To do →
Set down again exactly the lines of the listing below that fall between the line holding "p10 = place(p3, frame((0.0, 0.0, 3.6)))" and the line holding "x_axis=(0.866017533419, -0.500013631625, 0.0)))", inclusive.
++++++
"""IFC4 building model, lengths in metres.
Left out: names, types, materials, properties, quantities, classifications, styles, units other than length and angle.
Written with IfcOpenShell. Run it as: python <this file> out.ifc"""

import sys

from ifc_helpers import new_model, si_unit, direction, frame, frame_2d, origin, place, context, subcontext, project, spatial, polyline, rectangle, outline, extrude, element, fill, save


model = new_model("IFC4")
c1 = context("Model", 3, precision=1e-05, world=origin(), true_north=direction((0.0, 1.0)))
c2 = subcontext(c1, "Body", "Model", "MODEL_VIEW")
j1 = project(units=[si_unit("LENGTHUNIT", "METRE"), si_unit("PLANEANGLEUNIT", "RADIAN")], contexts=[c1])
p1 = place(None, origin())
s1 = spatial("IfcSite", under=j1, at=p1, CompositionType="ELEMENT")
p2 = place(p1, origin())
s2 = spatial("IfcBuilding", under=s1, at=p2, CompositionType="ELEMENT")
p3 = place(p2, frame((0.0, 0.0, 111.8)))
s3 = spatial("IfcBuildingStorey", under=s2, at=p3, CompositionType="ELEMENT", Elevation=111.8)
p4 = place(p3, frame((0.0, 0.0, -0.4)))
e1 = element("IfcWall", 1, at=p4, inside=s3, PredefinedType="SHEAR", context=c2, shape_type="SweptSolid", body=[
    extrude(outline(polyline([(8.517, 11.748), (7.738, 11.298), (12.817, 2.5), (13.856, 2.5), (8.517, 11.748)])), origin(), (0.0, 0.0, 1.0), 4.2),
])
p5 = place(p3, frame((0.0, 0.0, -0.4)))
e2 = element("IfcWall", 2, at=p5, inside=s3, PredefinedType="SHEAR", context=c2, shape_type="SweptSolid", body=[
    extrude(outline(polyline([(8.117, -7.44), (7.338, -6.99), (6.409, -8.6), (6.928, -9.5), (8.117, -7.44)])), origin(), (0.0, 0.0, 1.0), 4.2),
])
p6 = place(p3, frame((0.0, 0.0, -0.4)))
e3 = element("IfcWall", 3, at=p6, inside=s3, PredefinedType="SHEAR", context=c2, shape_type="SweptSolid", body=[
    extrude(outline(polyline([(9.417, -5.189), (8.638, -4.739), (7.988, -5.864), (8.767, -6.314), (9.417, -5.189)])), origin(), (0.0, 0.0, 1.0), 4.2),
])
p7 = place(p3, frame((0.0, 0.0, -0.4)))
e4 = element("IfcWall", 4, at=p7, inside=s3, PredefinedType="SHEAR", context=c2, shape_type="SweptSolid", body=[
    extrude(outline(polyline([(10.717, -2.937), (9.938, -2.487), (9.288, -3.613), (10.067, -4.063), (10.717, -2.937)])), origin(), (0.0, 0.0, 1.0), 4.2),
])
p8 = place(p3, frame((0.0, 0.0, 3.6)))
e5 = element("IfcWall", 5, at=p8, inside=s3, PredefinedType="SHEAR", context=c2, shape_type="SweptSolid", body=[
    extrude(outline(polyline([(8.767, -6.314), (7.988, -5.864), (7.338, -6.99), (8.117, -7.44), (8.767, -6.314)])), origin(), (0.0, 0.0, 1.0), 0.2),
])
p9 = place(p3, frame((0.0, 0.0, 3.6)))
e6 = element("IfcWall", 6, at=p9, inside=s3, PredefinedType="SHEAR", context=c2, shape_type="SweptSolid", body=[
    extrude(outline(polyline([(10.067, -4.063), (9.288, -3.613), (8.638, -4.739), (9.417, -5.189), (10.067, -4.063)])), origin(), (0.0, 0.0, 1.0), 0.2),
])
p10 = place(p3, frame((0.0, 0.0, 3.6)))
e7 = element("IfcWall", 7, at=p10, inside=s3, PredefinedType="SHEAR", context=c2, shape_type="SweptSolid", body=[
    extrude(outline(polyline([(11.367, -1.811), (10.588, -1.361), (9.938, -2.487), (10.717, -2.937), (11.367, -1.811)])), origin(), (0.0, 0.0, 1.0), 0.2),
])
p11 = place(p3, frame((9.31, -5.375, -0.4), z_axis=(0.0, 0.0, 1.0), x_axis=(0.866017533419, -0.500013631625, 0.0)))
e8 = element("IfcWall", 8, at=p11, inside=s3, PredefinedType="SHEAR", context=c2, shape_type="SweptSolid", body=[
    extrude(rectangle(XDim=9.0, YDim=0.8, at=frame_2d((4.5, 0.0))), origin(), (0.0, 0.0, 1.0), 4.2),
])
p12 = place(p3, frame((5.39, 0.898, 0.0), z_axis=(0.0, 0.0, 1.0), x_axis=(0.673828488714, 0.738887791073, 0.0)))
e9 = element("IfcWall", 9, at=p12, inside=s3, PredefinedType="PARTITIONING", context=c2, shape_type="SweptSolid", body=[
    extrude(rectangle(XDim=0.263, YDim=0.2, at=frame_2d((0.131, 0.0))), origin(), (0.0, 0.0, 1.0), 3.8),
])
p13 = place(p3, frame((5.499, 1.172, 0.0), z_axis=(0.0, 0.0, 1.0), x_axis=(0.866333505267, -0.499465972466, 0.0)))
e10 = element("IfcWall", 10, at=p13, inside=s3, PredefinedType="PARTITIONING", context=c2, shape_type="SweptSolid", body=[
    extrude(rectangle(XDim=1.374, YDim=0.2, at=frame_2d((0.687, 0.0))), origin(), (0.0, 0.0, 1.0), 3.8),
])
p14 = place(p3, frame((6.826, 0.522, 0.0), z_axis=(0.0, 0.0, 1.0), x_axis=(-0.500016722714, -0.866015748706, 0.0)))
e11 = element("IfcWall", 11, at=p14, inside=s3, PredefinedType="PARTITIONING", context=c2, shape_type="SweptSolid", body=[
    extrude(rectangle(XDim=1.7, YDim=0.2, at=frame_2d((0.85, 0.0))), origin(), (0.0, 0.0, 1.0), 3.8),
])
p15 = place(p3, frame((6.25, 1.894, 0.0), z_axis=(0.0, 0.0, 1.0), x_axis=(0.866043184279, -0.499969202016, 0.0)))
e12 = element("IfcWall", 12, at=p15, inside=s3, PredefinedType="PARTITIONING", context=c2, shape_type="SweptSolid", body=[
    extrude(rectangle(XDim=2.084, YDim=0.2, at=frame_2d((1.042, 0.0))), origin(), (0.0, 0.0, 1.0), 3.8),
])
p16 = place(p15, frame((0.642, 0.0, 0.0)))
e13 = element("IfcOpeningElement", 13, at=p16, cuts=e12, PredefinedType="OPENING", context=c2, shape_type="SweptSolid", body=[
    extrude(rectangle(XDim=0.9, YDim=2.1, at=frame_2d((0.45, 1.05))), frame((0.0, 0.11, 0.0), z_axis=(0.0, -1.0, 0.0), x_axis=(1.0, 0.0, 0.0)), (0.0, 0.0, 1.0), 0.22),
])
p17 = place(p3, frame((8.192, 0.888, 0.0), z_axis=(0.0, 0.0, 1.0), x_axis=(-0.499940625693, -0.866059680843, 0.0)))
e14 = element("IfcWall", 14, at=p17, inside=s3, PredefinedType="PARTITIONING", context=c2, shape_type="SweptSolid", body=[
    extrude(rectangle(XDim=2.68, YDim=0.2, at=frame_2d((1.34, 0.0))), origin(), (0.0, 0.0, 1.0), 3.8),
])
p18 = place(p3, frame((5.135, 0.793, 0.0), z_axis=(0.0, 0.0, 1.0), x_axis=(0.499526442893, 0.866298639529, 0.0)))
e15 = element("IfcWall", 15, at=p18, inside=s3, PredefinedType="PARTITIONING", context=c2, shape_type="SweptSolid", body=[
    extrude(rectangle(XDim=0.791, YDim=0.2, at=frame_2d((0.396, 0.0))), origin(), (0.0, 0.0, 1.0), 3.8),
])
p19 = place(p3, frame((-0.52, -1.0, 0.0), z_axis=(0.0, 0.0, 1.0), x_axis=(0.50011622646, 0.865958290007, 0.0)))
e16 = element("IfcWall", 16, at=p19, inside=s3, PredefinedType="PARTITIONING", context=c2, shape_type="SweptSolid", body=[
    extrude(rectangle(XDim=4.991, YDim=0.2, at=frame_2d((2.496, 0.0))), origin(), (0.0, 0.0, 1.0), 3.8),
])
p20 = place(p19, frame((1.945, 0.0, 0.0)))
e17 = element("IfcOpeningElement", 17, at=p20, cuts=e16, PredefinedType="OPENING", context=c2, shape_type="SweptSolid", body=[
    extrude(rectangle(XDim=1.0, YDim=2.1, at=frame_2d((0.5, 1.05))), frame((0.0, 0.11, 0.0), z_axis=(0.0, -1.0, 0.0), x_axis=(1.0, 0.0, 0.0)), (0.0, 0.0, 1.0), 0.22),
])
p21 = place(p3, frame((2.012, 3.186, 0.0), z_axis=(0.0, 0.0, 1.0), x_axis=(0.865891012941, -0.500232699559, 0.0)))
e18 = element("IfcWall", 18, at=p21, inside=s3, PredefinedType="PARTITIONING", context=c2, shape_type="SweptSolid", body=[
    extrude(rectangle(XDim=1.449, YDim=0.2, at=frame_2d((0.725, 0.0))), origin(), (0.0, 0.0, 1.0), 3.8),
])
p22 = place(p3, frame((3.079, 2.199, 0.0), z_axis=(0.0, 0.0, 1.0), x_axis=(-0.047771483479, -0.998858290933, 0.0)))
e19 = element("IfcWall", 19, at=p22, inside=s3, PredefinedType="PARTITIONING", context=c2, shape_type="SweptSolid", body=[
++++++
Written solution →
p10 = place(p3, frame((0.0, 0.0, 3.6)))
e7 = element("IfcWall", 7, at=p10, inside=s3, PredefinedType="SHEAR", context=c2, shape_type="SweptSolid", body=[
    extrude(outline(polyline([(11.367, -1.811), (10.588, -1.361), (9.938, -2.487), (10.717, -2.937), (11.367, -1.811)])), origin(), (0.0, 0.0, 1.0), 0.2),
])
p11 = place(p3, frame((9.31, -5.375, -0.4), z_axis=(0.0, 0.0, 1.0), x_axis=(0.866017533419, -0.500013631625, 0.0)))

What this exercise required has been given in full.